RECORD SET Block Start

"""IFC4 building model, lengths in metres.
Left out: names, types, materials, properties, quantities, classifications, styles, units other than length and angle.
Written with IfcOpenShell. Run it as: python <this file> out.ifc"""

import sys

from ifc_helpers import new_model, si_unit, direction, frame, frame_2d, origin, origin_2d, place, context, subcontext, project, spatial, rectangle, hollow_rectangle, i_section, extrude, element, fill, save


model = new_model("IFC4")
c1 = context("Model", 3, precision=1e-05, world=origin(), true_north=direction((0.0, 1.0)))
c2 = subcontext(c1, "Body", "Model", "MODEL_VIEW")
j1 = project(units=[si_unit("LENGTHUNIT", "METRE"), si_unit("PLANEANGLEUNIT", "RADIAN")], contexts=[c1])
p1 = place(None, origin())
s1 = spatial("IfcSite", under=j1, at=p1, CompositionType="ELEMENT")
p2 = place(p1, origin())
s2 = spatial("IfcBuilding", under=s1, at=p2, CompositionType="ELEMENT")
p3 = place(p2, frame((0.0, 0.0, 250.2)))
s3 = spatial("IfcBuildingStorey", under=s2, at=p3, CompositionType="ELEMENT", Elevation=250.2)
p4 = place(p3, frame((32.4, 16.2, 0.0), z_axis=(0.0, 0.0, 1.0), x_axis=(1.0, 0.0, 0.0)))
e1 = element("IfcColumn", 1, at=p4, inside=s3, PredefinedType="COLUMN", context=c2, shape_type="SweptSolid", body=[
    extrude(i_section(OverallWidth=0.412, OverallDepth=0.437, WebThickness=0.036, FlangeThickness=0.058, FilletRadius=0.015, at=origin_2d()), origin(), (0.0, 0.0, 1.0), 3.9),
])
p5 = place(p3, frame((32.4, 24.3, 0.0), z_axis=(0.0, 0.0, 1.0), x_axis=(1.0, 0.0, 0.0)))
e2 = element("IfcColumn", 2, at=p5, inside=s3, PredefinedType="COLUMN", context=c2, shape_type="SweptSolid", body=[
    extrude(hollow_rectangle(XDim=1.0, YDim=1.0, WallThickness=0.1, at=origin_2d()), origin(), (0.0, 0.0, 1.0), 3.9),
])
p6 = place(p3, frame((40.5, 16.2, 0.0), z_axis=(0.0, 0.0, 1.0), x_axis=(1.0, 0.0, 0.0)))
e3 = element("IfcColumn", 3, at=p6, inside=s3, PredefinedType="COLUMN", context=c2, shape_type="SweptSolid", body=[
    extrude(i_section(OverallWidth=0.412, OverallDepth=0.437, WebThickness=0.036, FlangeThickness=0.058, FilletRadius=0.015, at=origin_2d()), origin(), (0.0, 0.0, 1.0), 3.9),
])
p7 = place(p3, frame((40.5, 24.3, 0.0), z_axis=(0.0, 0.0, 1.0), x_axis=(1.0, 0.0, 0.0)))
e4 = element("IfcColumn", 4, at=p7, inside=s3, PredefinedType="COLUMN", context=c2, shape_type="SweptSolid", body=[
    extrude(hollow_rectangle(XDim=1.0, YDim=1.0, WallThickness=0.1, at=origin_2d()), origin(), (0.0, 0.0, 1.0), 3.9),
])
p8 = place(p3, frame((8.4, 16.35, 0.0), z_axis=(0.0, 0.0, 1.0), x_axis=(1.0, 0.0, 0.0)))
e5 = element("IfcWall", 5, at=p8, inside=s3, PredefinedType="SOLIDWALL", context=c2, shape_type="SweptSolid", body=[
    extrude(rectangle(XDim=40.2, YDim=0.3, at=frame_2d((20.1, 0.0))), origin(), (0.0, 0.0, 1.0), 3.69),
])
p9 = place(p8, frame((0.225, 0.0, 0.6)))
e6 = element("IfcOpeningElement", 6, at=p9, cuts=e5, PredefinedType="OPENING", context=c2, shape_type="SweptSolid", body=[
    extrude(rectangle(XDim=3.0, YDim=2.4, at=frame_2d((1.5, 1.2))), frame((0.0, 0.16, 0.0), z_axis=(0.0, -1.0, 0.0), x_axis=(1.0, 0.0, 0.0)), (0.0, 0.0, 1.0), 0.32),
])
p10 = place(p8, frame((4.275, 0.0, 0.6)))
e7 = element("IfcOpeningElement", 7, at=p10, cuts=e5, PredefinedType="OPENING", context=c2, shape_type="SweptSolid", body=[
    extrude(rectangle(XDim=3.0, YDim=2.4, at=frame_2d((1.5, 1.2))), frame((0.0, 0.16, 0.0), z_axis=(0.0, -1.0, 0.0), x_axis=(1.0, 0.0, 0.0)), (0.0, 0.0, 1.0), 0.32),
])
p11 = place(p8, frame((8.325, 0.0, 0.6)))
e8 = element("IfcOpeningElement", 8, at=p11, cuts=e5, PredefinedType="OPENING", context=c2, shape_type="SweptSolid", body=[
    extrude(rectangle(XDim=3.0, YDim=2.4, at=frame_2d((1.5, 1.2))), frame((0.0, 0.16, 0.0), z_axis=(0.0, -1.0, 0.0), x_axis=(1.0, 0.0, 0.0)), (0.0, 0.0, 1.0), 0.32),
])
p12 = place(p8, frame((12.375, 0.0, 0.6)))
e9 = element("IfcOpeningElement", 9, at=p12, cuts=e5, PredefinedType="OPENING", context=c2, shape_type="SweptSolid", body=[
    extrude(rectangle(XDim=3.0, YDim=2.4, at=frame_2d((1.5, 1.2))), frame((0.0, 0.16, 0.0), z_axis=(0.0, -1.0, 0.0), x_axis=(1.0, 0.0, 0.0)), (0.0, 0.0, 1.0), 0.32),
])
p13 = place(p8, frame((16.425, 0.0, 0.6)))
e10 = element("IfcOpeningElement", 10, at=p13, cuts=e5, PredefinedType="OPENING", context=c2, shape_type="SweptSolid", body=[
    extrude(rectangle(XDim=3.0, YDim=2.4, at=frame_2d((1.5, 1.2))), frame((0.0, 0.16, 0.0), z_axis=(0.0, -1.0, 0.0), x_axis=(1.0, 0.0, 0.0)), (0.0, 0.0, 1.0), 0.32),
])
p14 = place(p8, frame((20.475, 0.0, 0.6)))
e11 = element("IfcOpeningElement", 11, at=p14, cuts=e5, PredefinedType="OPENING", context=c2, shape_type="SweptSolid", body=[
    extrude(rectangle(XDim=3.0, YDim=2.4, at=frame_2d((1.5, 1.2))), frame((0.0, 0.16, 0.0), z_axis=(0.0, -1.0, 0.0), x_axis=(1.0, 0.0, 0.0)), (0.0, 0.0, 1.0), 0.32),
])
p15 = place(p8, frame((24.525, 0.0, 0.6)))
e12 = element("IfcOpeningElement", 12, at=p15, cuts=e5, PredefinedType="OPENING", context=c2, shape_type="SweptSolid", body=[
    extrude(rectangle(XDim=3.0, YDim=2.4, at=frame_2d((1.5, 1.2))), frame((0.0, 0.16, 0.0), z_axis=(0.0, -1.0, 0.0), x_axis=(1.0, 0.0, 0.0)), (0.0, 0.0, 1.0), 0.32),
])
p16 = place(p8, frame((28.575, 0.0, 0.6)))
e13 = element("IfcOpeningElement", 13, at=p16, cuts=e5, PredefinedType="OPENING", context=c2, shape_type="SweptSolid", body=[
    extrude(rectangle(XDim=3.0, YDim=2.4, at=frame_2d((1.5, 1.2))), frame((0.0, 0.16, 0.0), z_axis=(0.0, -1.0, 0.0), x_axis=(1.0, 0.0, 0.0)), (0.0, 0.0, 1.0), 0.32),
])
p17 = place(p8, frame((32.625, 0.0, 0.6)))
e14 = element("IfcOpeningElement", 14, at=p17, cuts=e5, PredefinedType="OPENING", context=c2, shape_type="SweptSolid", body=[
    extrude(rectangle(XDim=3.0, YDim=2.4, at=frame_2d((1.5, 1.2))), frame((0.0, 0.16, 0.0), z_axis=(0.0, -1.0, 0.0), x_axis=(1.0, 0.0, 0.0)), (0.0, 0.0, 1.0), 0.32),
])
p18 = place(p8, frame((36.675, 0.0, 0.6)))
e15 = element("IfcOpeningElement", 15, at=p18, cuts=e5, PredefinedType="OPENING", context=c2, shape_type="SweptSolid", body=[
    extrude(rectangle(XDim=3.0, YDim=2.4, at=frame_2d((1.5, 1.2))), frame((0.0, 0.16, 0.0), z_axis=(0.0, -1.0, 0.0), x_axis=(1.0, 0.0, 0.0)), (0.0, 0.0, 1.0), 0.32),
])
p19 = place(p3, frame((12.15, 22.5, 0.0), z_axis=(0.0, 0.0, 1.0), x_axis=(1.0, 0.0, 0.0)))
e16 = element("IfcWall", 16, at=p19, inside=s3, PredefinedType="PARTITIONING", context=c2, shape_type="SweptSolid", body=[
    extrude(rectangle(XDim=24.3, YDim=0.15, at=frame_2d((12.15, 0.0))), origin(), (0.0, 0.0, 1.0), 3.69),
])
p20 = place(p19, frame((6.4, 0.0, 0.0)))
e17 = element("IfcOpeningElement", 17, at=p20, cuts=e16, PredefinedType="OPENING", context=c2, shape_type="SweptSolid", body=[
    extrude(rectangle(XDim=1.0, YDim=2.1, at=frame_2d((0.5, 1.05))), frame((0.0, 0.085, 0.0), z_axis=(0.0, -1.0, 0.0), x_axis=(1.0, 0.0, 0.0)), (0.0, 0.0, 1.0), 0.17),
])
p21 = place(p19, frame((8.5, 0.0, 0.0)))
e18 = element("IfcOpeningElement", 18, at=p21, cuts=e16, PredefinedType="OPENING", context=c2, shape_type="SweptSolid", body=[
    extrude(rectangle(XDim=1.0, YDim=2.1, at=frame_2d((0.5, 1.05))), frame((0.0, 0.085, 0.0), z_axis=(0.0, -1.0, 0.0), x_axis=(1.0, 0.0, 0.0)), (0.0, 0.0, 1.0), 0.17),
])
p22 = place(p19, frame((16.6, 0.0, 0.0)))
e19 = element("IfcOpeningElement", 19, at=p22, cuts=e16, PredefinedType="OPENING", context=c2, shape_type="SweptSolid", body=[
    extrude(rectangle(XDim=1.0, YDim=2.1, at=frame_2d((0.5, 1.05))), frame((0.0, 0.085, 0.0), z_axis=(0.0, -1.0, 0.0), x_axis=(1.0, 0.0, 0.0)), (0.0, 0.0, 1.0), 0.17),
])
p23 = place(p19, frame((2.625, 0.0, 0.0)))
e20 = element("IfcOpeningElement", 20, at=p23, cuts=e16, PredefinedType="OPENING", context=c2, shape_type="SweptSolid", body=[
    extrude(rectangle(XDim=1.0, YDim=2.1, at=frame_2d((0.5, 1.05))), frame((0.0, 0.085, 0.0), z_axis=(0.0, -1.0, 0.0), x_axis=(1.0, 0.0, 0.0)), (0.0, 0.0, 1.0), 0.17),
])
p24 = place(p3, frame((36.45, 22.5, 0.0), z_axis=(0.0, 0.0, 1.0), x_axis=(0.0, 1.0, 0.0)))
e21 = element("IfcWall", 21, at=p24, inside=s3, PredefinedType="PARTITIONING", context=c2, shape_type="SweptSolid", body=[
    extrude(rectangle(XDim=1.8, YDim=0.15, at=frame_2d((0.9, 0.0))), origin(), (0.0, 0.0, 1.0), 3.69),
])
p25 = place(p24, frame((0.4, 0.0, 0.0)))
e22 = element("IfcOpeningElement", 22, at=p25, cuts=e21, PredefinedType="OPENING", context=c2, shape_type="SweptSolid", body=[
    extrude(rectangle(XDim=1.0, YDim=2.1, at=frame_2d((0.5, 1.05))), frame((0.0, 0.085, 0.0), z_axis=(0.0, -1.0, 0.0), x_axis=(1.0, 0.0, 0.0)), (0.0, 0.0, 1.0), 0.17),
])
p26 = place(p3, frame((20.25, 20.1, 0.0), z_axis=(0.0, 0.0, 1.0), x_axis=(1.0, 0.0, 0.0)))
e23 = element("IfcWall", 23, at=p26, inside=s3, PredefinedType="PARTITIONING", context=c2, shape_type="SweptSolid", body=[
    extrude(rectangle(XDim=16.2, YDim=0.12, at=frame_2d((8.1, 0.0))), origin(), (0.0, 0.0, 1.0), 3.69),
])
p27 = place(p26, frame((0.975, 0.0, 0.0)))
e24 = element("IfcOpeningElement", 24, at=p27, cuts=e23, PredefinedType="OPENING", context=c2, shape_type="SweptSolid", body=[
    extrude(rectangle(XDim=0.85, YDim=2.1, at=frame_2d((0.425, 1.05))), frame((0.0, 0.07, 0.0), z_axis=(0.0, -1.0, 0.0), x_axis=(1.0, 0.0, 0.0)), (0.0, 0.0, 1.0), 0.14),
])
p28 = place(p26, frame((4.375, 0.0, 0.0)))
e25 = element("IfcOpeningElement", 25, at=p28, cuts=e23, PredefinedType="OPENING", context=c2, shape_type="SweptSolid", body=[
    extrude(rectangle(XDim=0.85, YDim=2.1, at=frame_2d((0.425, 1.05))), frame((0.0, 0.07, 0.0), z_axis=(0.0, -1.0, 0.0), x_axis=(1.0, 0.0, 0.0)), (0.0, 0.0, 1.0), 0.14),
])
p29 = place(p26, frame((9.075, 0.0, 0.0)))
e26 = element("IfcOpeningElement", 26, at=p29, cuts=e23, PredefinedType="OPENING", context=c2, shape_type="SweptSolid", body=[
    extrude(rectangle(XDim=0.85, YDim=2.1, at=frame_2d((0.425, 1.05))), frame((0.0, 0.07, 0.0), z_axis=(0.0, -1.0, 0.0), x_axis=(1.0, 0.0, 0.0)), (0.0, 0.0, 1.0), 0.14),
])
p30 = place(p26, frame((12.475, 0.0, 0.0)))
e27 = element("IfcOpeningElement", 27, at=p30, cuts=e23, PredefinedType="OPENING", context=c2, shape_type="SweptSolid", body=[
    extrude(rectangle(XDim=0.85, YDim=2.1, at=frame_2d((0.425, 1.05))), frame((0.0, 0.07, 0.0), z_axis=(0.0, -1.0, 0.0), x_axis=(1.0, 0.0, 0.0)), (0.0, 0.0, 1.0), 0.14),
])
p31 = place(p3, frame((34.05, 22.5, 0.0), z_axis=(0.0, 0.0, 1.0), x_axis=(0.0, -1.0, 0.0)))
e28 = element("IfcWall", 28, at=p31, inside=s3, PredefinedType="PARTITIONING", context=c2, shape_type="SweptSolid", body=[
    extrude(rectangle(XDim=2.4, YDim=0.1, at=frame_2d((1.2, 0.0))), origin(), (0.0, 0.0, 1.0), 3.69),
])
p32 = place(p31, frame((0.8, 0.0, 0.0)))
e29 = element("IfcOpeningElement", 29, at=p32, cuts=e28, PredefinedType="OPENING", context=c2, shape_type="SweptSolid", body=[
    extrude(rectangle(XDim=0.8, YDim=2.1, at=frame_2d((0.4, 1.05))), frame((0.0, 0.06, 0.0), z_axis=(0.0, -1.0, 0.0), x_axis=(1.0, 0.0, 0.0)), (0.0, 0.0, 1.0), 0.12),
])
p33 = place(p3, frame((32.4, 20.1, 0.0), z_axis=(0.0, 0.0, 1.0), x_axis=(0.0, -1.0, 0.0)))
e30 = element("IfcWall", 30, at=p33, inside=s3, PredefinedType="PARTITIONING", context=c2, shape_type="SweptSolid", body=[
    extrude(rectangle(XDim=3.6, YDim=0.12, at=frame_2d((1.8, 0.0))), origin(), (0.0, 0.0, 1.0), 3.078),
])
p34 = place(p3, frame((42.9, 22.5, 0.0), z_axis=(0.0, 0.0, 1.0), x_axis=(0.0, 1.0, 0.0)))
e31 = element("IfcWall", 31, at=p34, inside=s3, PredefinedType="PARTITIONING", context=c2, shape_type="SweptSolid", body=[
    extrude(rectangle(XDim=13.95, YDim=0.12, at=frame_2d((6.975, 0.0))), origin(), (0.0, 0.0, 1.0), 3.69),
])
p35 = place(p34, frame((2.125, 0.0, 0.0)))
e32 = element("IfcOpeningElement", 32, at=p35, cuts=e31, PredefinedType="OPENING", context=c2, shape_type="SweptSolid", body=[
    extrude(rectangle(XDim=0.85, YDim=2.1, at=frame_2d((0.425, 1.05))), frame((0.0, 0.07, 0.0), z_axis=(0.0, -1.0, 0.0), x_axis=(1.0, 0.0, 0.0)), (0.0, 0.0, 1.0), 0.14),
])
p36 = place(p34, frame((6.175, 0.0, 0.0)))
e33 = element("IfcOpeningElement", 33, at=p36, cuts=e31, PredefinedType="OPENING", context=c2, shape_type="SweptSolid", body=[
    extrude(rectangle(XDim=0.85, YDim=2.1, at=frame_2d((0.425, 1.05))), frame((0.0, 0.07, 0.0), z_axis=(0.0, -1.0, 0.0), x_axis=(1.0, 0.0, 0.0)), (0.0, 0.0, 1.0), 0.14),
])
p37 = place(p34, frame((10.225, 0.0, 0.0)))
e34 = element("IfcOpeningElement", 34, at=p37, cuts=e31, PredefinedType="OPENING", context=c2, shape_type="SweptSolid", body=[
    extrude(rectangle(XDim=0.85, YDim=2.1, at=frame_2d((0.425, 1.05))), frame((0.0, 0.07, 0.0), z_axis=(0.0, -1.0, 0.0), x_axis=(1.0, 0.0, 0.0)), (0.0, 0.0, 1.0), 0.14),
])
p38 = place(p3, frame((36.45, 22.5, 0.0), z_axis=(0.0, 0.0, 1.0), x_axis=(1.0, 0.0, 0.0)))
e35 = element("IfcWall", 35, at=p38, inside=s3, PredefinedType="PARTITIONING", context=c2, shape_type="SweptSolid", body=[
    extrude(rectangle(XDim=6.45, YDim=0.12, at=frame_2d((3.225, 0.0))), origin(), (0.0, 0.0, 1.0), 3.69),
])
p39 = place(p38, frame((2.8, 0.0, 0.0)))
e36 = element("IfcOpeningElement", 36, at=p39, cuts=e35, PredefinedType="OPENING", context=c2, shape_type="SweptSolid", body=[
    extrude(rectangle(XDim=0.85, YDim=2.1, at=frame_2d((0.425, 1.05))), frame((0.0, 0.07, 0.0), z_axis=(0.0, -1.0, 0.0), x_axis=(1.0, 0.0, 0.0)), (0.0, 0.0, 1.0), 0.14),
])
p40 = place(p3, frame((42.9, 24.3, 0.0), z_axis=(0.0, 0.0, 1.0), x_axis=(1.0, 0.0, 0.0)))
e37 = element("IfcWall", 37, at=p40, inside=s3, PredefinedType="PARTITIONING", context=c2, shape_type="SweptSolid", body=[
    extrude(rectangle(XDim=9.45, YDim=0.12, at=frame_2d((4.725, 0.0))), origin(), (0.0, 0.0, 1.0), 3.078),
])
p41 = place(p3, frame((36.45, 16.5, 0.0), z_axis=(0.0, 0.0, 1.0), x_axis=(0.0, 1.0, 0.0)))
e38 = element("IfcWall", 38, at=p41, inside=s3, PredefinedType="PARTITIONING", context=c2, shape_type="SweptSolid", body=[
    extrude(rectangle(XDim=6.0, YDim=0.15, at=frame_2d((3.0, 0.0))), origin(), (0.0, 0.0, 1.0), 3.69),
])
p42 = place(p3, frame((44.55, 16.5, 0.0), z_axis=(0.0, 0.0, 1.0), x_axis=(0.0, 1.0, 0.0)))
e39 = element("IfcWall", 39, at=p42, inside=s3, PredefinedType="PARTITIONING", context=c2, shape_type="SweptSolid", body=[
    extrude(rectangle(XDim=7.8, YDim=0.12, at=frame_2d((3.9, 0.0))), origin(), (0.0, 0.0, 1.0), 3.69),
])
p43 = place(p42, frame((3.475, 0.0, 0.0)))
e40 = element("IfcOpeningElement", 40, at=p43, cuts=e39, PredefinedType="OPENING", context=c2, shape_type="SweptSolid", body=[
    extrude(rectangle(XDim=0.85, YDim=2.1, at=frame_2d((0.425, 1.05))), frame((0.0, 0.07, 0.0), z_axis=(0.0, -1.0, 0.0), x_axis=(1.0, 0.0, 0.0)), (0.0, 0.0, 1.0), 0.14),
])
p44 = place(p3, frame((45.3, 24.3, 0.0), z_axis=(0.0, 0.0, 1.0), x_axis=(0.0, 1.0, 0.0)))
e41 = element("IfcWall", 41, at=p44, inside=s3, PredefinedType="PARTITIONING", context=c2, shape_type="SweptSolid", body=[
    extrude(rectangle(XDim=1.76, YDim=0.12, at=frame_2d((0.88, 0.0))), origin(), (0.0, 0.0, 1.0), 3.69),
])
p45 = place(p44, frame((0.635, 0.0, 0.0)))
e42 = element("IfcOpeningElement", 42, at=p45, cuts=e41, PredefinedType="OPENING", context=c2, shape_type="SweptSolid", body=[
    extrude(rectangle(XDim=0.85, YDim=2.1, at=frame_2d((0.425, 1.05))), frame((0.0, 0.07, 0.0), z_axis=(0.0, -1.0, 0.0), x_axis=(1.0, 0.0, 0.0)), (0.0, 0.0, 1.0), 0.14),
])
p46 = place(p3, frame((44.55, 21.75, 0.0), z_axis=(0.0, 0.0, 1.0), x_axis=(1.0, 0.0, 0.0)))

RECORD SET Block End

Your answer should be the lines of the records that include the word "under".

s1 = spatial("IfcSite", under=j1, at=p1, CompositionType="ELEMENT")
s2 = spatial("IfcBuilding", under=s1, at=p2, CompositionType="ELEMENT")
s3 = spatial("IfcBuildingStorey", under=s2, at=p3, CompositionType="ELEMENT", Elevation=250.2)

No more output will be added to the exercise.